Collected data
—————

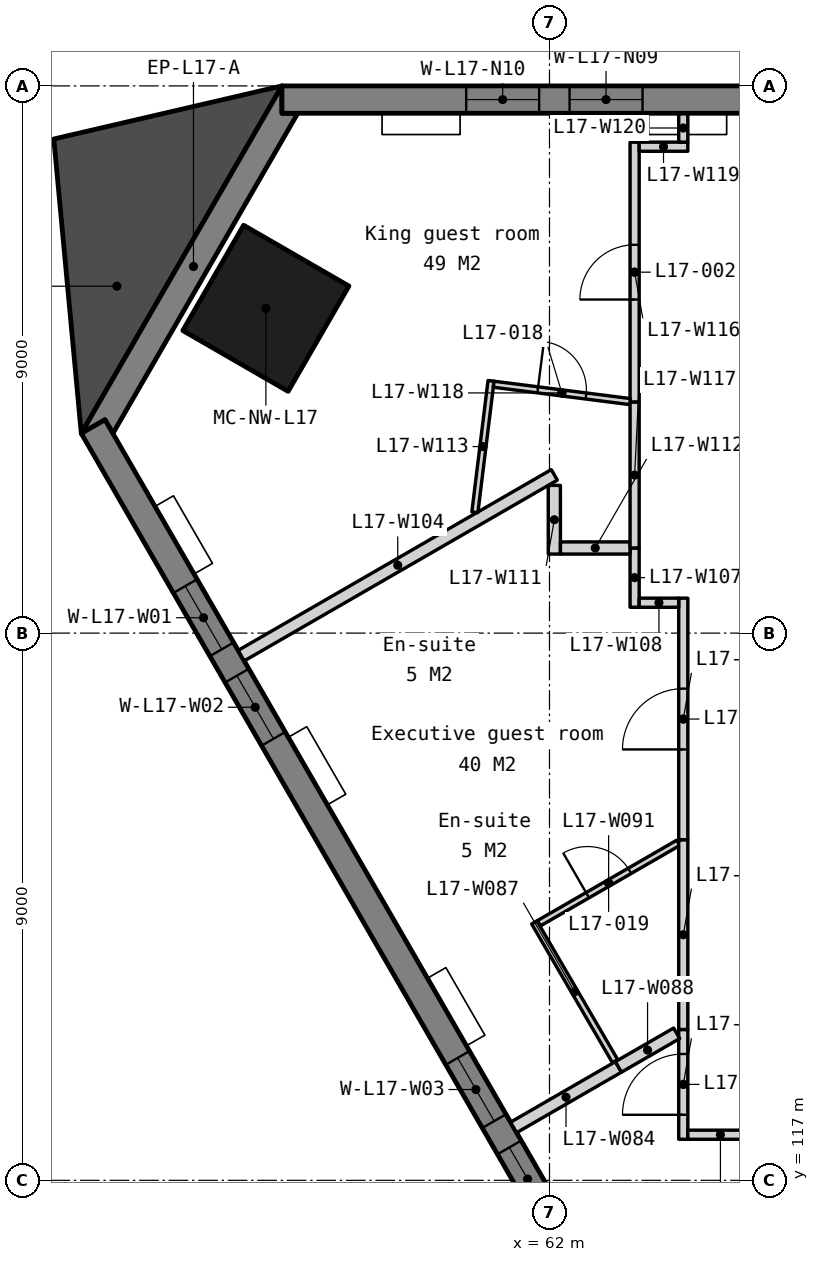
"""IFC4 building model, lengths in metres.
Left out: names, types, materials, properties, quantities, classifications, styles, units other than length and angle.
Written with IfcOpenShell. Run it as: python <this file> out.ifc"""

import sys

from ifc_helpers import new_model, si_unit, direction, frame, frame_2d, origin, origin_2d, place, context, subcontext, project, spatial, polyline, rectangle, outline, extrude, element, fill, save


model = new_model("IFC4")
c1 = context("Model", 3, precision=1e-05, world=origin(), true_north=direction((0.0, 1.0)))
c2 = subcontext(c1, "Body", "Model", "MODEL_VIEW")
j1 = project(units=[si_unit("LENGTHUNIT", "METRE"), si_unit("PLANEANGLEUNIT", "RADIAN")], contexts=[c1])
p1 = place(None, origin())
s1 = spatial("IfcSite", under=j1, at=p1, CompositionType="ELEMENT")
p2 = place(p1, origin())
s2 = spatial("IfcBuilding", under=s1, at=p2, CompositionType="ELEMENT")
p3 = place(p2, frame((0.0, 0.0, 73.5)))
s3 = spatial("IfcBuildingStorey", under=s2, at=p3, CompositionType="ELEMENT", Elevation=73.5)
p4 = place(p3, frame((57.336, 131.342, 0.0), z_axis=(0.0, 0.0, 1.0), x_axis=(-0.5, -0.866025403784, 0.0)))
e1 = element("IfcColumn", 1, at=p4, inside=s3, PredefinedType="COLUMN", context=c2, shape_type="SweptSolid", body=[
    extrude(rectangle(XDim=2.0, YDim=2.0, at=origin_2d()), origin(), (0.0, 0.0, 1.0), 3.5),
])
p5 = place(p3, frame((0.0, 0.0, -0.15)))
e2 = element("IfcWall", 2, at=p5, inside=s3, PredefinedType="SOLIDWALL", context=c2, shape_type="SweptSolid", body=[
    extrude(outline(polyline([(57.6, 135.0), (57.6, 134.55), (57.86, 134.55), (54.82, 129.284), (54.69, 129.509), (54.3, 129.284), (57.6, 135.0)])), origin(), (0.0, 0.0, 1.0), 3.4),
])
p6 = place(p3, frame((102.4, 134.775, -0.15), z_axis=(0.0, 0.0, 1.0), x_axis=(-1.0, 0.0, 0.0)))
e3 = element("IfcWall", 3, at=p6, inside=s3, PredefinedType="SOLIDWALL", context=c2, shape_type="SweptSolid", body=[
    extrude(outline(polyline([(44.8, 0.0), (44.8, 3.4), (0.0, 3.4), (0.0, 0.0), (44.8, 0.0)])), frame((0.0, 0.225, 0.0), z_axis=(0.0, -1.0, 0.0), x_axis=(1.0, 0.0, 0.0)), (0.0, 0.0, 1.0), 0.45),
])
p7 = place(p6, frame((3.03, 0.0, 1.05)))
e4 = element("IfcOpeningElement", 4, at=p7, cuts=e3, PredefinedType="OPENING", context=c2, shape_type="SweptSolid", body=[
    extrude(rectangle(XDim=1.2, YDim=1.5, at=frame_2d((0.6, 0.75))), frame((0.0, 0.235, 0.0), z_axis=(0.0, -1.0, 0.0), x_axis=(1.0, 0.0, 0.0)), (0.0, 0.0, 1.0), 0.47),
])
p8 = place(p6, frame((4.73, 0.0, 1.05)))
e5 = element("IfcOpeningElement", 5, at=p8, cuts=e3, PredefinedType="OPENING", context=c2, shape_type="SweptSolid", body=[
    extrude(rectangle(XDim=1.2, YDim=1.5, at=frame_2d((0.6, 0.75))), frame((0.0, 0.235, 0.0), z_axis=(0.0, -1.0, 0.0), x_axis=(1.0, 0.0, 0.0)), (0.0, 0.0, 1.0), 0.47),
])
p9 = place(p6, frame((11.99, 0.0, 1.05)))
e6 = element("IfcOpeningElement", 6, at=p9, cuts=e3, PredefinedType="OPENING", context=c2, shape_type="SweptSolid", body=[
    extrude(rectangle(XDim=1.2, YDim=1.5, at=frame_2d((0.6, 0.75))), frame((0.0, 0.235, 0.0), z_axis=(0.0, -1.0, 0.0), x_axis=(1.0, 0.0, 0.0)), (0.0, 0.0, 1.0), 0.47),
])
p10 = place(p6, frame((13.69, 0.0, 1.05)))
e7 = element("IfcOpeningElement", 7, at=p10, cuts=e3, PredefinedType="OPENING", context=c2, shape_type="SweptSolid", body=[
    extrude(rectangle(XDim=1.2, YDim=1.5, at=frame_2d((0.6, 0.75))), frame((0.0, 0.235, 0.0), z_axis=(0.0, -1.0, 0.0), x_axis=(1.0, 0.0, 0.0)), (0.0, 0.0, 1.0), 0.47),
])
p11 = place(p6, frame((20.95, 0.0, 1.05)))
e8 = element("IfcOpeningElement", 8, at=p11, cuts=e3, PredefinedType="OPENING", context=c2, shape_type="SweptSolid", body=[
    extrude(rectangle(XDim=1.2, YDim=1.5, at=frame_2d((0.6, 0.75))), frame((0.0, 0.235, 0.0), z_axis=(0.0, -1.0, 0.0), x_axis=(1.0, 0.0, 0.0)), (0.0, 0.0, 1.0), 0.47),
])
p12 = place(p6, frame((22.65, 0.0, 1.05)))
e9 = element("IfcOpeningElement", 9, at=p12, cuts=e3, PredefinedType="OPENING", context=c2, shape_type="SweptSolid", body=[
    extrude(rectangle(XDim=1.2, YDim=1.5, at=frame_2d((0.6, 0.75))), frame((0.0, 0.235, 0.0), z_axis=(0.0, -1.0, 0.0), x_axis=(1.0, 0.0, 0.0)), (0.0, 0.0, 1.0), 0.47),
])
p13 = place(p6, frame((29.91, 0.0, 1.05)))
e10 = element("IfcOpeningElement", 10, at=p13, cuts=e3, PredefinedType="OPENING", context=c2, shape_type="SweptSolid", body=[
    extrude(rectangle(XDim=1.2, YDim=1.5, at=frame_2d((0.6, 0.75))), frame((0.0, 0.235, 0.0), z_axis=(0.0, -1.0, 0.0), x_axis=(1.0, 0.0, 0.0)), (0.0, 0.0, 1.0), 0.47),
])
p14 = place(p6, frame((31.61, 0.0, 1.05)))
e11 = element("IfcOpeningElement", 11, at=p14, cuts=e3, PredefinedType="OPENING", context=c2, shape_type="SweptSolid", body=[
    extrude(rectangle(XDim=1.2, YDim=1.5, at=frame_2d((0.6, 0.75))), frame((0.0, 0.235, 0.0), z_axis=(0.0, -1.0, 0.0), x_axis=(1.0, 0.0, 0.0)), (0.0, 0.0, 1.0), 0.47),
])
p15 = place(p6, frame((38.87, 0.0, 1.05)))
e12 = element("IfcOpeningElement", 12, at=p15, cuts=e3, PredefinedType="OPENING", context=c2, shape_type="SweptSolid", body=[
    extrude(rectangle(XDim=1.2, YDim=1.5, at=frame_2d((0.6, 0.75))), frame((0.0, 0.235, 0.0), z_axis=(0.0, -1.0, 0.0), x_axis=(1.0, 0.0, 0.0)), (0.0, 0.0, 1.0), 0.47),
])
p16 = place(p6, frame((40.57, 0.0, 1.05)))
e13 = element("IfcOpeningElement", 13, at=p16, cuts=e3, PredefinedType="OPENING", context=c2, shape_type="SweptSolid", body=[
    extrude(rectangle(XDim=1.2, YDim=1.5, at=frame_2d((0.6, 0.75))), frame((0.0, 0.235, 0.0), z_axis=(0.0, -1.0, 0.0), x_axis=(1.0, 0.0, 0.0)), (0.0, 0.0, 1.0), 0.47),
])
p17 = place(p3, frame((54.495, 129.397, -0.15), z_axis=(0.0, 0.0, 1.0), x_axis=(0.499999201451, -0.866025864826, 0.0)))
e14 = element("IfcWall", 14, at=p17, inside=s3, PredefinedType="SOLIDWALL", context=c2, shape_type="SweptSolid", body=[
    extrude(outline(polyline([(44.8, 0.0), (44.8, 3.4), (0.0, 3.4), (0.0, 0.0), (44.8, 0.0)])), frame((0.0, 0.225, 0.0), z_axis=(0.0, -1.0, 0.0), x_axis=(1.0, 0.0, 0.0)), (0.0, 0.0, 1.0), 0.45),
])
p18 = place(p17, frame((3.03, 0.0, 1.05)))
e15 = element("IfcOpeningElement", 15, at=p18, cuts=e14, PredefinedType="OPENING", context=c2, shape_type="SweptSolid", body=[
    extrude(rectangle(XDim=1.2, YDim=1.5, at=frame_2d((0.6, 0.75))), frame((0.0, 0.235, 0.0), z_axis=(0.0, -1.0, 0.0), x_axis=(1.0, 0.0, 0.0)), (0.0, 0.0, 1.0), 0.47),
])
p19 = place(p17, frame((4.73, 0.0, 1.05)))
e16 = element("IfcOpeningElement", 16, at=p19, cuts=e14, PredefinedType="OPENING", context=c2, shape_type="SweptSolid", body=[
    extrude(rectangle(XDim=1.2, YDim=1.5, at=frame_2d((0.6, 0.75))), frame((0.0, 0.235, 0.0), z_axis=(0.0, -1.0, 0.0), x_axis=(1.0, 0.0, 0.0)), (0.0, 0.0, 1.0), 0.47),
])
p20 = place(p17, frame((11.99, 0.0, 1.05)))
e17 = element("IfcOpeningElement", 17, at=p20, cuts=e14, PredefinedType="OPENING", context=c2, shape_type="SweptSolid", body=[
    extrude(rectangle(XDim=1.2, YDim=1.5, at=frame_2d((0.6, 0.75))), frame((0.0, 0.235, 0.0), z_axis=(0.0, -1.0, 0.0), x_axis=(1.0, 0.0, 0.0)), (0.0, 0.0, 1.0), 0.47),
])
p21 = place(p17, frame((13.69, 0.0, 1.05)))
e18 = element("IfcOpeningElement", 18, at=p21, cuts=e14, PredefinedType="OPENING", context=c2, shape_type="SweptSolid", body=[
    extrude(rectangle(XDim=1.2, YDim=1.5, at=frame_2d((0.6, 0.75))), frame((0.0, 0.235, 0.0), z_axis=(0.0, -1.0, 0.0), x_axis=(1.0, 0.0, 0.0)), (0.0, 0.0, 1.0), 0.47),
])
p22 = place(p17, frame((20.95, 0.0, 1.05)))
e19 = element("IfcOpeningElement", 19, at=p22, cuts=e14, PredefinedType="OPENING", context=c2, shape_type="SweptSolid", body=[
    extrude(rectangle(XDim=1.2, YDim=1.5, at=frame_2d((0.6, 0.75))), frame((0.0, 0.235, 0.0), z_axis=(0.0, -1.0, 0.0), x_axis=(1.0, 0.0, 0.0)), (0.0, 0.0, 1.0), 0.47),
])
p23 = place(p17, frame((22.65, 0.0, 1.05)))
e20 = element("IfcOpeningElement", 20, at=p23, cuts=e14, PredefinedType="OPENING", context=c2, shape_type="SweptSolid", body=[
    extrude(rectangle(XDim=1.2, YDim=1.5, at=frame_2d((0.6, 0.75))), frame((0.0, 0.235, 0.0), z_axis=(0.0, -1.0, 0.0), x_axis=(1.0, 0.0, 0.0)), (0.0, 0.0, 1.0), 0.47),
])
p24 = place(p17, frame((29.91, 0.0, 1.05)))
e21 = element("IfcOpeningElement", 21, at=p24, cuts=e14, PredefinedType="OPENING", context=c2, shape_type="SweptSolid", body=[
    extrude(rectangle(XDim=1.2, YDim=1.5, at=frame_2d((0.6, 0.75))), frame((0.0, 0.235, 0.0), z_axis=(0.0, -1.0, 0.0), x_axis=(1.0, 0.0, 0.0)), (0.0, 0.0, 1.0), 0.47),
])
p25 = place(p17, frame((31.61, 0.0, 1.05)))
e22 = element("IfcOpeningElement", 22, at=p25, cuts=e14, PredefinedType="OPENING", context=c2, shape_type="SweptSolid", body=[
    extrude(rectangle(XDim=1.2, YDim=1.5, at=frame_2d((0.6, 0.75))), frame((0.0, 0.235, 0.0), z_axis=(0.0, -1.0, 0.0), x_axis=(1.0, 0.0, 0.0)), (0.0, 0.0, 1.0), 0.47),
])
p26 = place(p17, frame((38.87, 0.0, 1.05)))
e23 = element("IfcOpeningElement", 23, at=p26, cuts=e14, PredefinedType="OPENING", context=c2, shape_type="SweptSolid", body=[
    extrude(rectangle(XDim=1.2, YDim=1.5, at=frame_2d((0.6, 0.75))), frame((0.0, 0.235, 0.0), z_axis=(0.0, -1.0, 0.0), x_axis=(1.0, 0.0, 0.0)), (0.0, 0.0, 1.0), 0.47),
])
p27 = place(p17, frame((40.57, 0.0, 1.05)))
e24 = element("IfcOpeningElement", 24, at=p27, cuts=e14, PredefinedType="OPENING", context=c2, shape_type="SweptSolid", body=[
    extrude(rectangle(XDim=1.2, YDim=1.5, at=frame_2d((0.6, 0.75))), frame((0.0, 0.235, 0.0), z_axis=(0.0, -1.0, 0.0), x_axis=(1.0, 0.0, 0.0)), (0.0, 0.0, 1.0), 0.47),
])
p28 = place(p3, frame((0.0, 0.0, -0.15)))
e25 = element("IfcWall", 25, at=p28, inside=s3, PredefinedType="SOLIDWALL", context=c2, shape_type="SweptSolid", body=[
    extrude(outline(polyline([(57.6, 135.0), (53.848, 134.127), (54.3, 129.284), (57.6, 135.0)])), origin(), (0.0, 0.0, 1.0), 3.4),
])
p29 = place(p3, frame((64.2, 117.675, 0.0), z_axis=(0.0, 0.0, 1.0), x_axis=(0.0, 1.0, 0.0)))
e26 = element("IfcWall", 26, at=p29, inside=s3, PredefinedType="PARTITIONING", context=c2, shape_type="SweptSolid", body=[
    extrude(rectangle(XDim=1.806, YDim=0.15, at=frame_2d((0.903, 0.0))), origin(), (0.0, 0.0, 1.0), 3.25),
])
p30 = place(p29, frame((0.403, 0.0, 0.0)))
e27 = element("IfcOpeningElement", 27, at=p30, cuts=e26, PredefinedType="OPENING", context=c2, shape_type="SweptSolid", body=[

—————

> EXERCISE DETAILS
The output is the lines from the start of the data above through the line containing "p1 = place(None, origin())", unchanged, with any picture left out.

> REPLY TO THE TASK
"""IFC4 building model, lengths in metres.
Left out: names, types, materials, properties, quantities, classifications, styles, units other than length and angle.
Written with IfcOpenShell. Run it as: python <this file> out.ifc"""

import sys

from ifc_helpers import new_model, si_unit, direction, frame, frame_2d, origin, origin_2d, place, context, subcontext, project, spatial, polyline, rectangle, outline, extrude, element, fill, save


model = new_model("IFC4")
c1 = context("Model", 3, precision=1e-05, world=origin(), true_north=direction((0.0, 1.0)))
c2 = subcontext(c1, "Body", "Model", "MODEL_VIEW")
j1 = project(units=[si_unit("LENGTHUNIT", "METRE"), si_unit("PLANEANGLEUNIT", "RADIAN")], contexts=[c1])
p1 = place(None, origin())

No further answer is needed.